YOUR TASK:
Return each line of the listing that has the word "placement" in it.

BEGIN SUPPLIED ENTRIES

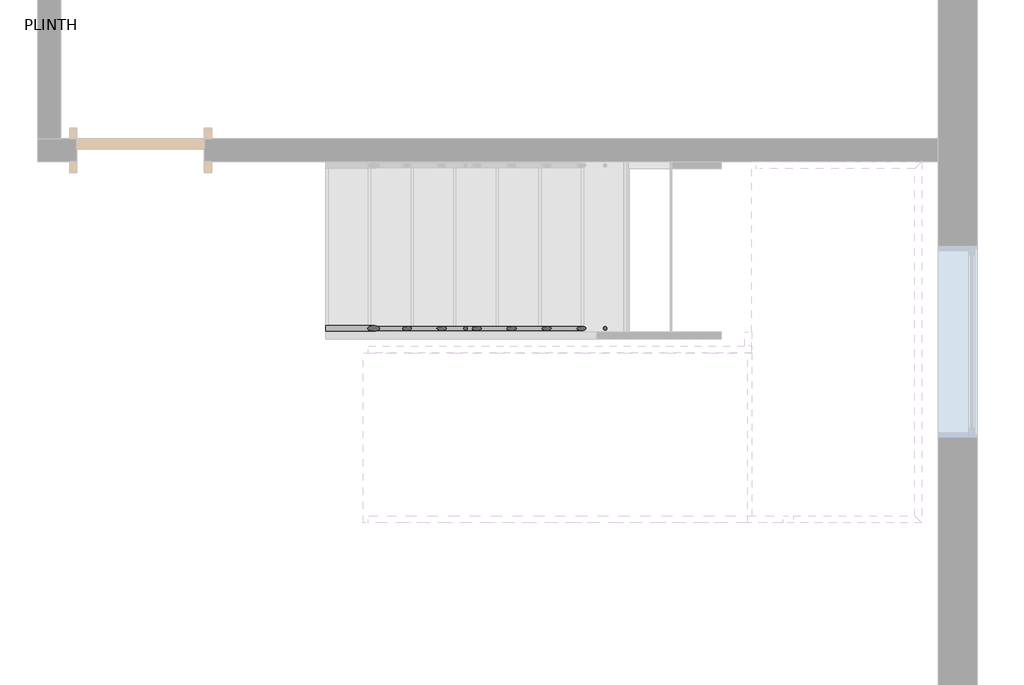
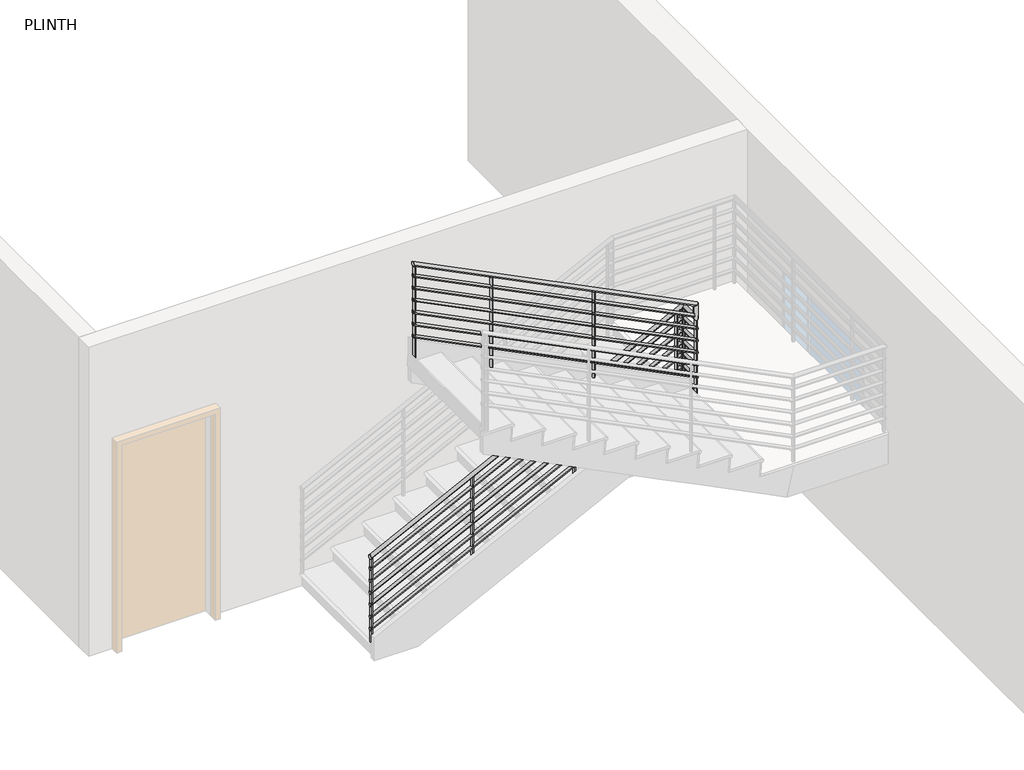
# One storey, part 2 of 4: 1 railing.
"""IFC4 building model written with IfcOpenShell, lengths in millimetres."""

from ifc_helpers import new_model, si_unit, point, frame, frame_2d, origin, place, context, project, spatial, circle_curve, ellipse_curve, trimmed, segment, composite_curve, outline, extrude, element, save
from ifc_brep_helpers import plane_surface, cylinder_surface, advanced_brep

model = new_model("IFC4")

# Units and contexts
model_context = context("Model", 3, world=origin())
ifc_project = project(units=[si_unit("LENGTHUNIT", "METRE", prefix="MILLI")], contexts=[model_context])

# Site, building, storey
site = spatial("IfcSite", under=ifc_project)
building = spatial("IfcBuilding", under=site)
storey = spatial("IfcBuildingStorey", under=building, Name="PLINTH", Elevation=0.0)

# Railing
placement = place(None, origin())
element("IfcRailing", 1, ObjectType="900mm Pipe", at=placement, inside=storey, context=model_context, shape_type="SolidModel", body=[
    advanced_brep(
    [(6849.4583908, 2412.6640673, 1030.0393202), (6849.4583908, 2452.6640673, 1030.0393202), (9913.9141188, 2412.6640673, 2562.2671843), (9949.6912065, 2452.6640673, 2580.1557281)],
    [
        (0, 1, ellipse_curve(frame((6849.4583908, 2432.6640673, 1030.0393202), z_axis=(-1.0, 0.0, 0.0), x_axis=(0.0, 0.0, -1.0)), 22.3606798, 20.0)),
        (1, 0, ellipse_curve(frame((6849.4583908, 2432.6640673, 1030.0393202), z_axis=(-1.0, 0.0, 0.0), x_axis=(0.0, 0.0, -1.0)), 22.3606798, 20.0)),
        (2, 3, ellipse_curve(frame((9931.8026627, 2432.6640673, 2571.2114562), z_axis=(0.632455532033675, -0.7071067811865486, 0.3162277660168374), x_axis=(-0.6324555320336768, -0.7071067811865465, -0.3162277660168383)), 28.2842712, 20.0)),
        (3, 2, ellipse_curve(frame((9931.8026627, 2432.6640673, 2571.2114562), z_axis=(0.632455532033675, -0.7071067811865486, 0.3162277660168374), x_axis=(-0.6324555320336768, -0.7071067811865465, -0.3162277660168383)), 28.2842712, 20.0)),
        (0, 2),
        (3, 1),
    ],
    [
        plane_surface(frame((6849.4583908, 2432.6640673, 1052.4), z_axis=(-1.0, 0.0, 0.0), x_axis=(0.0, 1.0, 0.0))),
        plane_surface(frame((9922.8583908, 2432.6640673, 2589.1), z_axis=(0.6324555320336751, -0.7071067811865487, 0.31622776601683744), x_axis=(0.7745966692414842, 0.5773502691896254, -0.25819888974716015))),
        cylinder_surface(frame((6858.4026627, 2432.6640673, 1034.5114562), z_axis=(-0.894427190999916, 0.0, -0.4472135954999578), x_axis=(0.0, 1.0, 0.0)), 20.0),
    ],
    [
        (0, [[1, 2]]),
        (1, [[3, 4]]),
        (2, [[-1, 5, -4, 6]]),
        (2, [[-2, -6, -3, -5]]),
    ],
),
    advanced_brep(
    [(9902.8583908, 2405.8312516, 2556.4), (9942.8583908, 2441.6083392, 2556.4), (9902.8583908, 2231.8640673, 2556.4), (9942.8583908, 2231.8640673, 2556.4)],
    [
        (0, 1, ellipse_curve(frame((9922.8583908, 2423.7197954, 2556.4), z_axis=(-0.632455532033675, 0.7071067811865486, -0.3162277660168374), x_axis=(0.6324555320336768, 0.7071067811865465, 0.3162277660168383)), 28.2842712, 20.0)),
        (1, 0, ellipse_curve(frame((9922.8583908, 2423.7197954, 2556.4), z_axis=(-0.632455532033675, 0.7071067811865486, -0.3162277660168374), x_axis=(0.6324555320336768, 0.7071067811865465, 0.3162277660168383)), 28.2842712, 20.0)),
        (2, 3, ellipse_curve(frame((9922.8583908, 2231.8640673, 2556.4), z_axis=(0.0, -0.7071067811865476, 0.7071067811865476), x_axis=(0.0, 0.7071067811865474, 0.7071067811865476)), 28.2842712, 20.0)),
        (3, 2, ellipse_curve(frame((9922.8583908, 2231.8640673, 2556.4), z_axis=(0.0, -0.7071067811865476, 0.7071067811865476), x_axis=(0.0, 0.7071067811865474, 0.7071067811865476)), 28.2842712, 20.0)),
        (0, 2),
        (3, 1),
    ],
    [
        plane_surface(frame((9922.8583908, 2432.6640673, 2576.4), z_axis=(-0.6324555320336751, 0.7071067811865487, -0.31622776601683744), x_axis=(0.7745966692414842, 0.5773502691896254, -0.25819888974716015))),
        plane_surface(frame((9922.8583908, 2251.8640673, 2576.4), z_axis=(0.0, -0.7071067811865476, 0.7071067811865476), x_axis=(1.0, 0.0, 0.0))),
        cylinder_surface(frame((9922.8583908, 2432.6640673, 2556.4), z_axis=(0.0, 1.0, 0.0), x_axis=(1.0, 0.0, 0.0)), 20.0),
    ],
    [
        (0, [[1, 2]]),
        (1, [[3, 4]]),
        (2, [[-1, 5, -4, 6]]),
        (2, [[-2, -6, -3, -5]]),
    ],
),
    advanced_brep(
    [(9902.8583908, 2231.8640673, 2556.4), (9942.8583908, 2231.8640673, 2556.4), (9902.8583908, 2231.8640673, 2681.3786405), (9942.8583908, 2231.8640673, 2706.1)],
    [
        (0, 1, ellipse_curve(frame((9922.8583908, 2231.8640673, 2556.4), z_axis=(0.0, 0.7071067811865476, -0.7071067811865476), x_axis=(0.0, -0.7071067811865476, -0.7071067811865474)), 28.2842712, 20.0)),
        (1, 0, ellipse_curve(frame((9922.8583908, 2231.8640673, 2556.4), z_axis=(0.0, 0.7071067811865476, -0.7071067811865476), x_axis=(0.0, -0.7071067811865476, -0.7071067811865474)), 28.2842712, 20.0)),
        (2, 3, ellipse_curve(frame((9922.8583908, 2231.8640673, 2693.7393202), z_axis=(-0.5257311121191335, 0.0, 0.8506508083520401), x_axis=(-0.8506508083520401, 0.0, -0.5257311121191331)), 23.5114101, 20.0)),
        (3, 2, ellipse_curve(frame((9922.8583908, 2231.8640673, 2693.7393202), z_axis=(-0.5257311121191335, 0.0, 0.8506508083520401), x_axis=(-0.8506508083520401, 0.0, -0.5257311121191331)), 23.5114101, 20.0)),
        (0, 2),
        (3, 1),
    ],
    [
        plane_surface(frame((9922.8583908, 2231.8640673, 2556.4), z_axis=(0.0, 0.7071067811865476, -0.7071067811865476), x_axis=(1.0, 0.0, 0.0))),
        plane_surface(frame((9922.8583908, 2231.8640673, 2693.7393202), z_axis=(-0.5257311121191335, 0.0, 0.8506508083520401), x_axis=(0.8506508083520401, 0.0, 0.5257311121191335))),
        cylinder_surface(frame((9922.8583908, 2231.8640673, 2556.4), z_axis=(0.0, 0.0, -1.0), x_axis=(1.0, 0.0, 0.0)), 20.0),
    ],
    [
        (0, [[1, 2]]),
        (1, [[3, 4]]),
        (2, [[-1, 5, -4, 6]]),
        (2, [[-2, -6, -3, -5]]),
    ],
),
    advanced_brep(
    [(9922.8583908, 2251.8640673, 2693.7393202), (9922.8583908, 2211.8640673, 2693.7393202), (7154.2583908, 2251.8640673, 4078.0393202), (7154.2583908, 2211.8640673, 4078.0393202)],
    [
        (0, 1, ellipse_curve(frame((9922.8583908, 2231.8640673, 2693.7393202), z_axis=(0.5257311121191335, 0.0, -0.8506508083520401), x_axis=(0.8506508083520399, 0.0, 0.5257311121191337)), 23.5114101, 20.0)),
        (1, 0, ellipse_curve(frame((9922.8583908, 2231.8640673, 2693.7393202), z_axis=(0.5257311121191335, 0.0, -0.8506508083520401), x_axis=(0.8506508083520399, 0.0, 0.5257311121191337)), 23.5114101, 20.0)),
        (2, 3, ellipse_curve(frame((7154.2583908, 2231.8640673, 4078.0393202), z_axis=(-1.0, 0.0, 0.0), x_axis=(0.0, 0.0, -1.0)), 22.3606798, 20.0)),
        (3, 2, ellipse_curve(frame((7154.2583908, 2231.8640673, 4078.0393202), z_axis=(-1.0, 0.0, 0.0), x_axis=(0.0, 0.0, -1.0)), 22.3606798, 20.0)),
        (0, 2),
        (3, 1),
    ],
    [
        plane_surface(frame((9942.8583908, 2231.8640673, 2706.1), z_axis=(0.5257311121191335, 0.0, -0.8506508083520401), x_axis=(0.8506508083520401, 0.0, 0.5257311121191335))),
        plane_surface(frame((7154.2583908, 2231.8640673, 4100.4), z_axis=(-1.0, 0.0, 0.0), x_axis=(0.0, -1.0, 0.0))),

END SUPPLIED ENTRIES

WRITTEN ANSWER:
placement = place(None, origin())
element("IfcRailing", 1, ObjectType="900mm Pipe", at=placement, inside=storey, context=model_context, shape_type="SolidModel", body=[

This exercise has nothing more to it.